| Problem |
Using the data below, return all lines in which "under" appears.

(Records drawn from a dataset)
__________

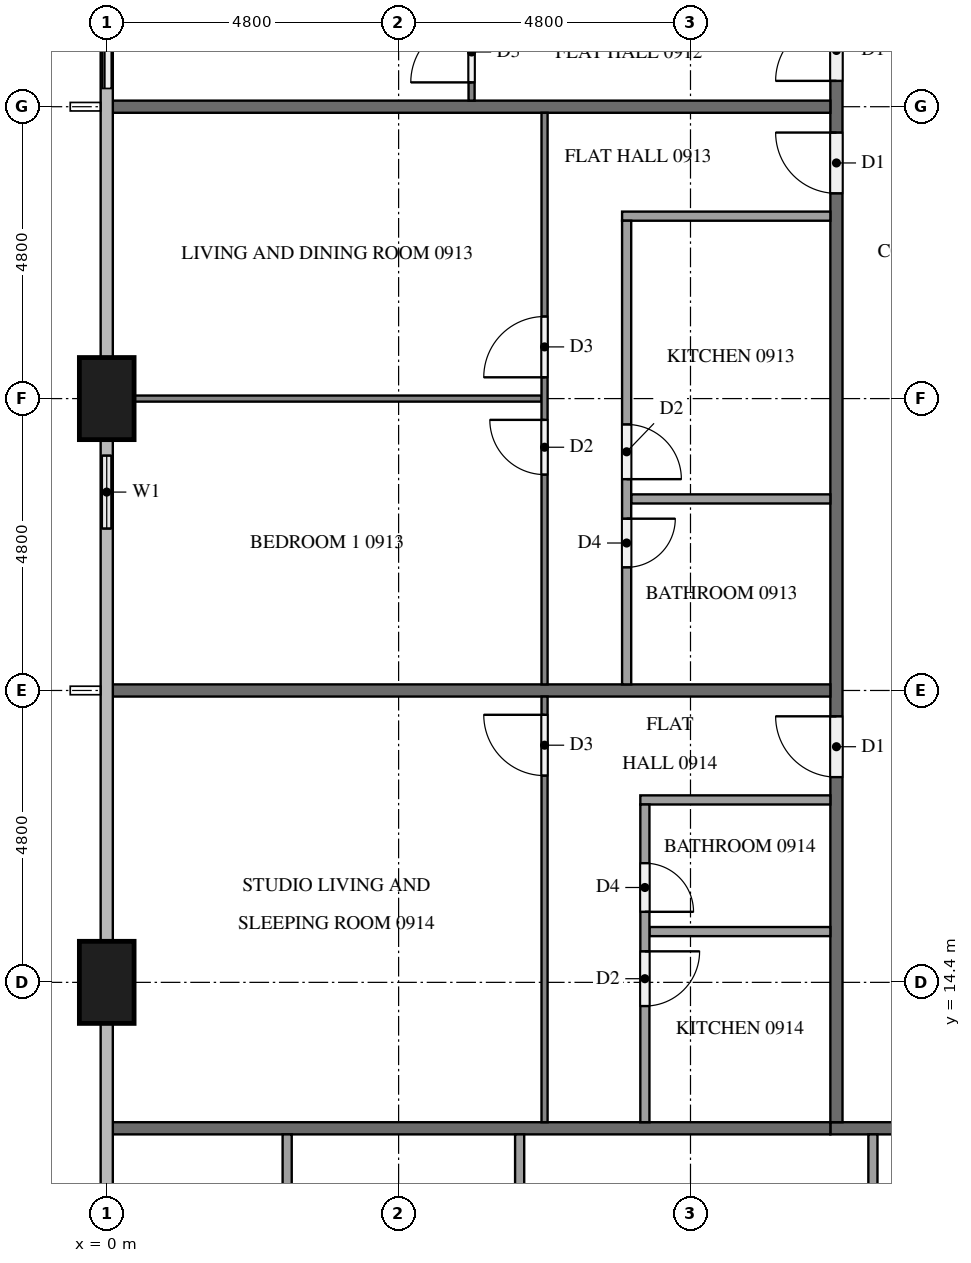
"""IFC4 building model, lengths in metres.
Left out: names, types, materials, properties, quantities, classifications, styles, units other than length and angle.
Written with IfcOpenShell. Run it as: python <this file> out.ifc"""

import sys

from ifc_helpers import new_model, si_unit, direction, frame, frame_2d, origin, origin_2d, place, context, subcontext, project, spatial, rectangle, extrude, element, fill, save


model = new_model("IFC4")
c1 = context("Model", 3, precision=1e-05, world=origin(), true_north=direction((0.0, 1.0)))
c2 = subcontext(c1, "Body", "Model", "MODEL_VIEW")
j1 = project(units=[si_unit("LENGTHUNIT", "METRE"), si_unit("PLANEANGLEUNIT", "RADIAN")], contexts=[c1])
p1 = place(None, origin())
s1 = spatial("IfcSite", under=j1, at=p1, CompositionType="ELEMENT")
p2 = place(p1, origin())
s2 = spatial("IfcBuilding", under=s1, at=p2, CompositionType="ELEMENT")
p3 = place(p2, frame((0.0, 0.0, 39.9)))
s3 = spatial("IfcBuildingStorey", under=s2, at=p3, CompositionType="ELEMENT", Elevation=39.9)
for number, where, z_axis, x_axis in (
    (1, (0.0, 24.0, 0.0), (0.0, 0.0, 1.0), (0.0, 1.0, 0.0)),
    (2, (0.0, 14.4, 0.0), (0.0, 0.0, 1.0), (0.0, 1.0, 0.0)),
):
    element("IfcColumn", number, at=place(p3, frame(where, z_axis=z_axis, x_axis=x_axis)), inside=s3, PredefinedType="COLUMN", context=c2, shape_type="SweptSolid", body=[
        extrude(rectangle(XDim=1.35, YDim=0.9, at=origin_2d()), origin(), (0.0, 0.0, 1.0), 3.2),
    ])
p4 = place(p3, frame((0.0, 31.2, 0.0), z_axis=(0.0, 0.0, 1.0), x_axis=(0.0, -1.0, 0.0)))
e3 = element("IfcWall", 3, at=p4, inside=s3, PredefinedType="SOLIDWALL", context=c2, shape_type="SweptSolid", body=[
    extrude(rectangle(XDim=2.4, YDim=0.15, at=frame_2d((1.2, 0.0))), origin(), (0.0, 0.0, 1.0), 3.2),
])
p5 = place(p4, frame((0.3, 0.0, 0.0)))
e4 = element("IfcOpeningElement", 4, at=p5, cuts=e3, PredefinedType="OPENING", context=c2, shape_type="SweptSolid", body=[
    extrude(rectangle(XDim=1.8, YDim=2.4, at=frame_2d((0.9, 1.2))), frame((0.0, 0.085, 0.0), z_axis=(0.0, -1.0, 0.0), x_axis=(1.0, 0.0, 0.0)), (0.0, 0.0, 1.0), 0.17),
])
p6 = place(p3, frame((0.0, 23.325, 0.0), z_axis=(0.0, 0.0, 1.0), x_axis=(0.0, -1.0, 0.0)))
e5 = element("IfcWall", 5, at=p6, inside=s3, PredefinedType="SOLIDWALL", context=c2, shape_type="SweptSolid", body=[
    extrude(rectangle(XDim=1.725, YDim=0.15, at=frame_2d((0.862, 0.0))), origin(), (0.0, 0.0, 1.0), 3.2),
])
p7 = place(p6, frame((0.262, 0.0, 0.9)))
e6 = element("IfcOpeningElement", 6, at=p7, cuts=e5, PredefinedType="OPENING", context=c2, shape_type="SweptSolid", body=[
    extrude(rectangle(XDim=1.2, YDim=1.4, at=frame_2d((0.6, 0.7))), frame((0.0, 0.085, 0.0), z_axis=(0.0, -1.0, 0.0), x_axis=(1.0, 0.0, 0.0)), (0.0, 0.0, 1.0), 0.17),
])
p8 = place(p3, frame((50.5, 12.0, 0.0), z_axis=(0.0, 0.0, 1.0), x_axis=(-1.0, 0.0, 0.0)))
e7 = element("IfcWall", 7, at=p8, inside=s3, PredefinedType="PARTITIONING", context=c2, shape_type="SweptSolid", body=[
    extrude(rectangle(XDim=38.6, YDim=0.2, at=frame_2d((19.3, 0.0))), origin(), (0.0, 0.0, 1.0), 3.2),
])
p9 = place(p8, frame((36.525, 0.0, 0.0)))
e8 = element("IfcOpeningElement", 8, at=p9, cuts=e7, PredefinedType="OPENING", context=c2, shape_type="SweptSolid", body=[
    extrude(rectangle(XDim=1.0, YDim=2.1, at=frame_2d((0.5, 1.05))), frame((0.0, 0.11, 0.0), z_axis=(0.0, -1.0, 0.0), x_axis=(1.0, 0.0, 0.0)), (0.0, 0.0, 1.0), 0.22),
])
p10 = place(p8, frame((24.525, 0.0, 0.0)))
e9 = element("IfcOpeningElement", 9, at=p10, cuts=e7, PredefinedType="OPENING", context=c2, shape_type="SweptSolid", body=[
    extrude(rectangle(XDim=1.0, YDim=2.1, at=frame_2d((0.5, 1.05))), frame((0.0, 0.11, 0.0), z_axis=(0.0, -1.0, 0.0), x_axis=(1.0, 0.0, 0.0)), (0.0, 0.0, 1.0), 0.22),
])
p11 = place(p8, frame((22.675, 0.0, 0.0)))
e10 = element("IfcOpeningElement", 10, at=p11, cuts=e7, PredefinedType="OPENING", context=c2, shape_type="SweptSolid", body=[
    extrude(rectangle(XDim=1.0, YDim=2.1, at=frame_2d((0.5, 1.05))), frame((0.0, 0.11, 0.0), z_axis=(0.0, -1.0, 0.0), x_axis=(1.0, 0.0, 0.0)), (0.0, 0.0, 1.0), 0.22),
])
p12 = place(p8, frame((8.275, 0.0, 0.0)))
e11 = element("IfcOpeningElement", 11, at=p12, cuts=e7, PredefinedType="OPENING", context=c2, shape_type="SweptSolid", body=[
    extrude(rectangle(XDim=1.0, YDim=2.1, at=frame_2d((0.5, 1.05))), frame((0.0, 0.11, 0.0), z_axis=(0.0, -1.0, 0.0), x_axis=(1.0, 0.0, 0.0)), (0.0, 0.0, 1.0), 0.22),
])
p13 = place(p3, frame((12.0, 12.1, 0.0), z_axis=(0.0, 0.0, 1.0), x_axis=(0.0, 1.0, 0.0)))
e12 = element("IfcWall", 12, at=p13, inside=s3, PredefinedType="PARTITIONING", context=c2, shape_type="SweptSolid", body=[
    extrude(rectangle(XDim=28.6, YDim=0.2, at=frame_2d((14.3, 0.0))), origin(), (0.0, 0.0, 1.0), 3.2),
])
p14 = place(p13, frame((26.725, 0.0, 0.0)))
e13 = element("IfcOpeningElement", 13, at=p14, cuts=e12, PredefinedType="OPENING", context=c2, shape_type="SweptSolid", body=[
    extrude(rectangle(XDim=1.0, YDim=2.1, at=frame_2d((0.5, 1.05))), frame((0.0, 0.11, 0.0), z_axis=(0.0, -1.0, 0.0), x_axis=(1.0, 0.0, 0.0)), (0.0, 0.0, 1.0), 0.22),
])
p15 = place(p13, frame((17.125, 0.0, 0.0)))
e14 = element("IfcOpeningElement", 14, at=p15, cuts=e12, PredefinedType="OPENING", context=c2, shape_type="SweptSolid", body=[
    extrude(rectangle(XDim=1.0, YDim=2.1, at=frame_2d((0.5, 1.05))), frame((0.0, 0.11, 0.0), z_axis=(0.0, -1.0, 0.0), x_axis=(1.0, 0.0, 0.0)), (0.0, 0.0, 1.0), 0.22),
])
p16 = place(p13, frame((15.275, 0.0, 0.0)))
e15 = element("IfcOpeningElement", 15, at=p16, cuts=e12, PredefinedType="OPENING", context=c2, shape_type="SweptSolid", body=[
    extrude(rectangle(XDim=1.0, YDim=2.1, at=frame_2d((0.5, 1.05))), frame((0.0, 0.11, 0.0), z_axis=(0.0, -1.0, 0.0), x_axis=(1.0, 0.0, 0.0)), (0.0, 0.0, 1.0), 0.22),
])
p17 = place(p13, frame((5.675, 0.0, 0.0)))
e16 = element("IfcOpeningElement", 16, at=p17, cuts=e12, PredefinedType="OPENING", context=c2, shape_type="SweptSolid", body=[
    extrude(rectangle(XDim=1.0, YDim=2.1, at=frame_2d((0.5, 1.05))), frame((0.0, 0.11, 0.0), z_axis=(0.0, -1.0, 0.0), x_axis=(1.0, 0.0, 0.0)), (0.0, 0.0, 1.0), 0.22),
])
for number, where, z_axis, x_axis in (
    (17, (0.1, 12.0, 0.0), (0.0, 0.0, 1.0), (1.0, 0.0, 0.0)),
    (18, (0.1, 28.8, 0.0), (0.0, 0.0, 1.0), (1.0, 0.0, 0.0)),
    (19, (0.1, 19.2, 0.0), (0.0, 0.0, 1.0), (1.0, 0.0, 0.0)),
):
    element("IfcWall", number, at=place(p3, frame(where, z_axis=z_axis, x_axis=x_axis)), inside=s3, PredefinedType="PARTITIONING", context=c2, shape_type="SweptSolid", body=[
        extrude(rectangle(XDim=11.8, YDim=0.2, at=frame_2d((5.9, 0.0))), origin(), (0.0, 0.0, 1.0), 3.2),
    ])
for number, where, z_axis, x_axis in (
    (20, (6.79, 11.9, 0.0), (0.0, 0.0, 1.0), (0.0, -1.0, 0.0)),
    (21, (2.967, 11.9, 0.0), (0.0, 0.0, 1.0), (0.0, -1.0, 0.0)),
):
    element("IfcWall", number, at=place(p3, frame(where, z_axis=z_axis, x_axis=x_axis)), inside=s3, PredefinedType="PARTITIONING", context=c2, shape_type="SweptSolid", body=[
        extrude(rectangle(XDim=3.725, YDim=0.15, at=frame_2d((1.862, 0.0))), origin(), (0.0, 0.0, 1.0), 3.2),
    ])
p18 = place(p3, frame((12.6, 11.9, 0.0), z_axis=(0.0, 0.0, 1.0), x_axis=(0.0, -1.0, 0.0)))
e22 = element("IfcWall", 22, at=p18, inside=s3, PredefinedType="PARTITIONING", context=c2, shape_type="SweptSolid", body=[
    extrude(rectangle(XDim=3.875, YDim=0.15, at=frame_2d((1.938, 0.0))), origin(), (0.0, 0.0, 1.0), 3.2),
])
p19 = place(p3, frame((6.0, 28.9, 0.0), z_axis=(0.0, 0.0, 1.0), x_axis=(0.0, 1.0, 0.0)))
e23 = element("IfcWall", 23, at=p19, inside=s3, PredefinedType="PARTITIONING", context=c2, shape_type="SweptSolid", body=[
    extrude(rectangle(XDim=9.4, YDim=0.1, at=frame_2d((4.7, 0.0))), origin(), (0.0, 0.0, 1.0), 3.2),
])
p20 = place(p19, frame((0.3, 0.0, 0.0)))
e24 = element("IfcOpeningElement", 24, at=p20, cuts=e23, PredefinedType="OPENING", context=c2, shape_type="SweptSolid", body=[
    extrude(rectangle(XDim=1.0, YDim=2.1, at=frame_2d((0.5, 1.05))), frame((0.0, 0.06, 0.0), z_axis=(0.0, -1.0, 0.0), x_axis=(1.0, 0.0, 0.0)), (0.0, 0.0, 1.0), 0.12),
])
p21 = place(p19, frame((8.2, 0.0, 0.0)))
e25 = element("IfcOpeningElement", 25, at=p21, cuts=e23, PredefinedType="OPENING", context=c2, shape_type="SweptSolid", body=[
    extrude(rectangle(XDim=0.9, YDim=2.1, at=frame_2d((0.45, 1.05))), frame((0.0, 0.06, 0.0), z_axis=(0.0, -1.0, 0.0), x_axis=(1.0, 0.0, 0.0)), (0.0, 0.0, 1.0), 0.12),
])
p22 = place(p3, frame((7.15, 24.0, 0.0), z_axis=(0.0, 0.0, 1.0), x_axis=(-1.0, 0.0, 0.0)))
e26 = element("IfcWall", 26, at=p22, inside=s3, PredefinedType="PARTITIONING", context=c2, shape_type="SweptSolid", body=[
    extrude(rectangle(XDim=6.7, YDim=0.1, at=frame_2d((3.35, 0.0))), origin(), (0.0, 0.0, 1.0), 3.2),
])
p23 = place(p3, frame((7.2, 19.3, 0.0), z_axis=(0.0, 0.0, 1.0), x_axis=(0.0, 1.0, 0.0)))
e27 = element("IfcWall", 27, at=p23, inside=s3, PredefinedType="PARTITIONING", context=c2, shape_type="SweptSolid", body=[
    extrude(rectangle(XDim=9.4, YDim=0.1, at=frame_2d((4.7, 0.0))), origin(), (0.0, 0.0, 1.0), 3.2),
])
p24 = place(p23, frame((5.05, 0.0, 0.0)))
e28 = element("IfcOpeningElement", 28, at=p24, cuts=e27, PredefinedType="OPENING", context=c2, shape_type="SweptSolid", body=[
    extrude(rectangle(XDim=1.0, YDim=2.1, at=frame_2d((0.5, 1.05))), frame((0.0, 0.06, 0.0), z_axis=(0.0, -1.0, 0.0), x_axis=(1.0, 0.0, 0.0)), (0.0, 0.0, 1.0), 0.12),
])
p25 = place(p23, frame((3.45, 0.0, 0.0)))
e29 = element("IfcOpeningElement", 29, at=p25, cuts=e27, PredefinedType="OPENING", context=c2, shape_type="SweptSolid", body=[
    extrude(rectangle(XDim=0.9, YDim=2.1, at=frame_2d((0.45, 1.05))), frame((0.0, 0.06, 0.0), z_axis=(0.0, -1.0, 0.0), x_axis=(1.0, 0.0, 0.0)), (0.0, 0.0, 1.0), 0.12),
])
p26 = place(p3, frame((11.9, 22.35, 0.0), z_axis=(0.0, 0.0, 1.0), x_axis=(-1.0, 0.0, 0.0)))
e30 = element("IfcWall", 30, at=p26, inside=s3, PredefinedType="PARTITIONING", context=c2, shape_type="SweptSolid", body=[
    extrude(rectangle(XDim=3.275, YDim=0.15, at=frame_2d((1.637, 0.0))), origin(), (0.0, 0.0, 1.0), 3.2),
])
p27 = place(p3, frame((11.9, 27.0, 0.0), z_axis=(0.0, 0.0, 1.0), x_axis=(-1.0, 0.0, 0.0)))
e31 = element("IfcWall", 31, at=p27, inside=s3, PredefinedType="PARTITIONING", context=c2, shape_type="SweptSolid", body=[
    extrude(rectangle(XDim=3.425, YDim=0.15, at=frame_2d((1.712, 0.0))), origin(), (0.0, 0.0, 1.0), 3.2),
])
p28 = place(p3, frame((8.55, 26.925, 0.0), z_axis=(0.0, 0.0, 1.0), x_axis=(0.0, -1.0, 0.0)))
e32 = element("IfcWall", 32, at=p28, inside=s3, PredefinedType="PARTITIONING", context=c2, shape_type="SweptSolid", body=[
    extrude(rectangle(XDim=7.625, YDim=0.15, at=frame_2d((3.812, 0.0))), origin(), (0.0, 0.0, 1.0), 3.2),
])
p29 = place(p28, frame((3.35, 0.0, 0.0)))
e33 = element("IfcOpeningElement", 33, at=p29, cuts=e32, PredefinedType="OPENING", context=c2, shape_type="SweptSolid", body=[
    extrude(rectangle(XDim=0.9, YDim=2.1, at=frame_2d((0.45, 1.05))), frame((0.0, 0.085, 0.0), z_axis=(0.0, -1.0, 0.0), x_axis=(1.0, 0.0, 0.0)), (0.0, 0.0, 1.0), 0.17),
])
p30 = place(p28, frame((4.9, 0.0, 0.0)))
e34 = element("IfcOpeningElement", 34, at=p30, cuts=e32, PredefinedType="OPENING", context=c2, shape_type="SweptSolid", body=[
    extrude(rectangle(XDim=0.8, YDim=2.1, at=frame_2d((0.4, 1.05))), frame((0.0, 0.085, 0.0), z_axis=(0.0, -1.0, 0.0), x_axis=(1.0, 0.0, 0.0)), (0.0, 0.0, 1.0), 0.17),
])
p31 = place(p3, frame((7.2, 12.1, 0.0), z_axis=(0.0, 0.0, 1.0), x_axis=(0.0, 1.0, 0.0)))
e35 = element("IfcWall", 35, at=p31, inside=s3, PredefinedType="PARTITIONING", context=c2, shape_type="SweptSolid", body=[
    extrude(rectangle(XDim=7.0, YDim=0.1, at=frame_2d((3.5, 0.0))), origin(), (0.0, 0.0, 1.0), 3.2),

__________

| Solution to the problem |
s1 = spatial("IfcSite", under=j1, at=p1, CompositionType="ELEMENT")
s2 = spatial("IfcBuilding", under=s1, at=p2, CompositionType="ELEMENT")
s3 = spatial("IfcBuildingStorey", under=s2, at=p3, CompositionType="ELEMENT", Elevation=39.9)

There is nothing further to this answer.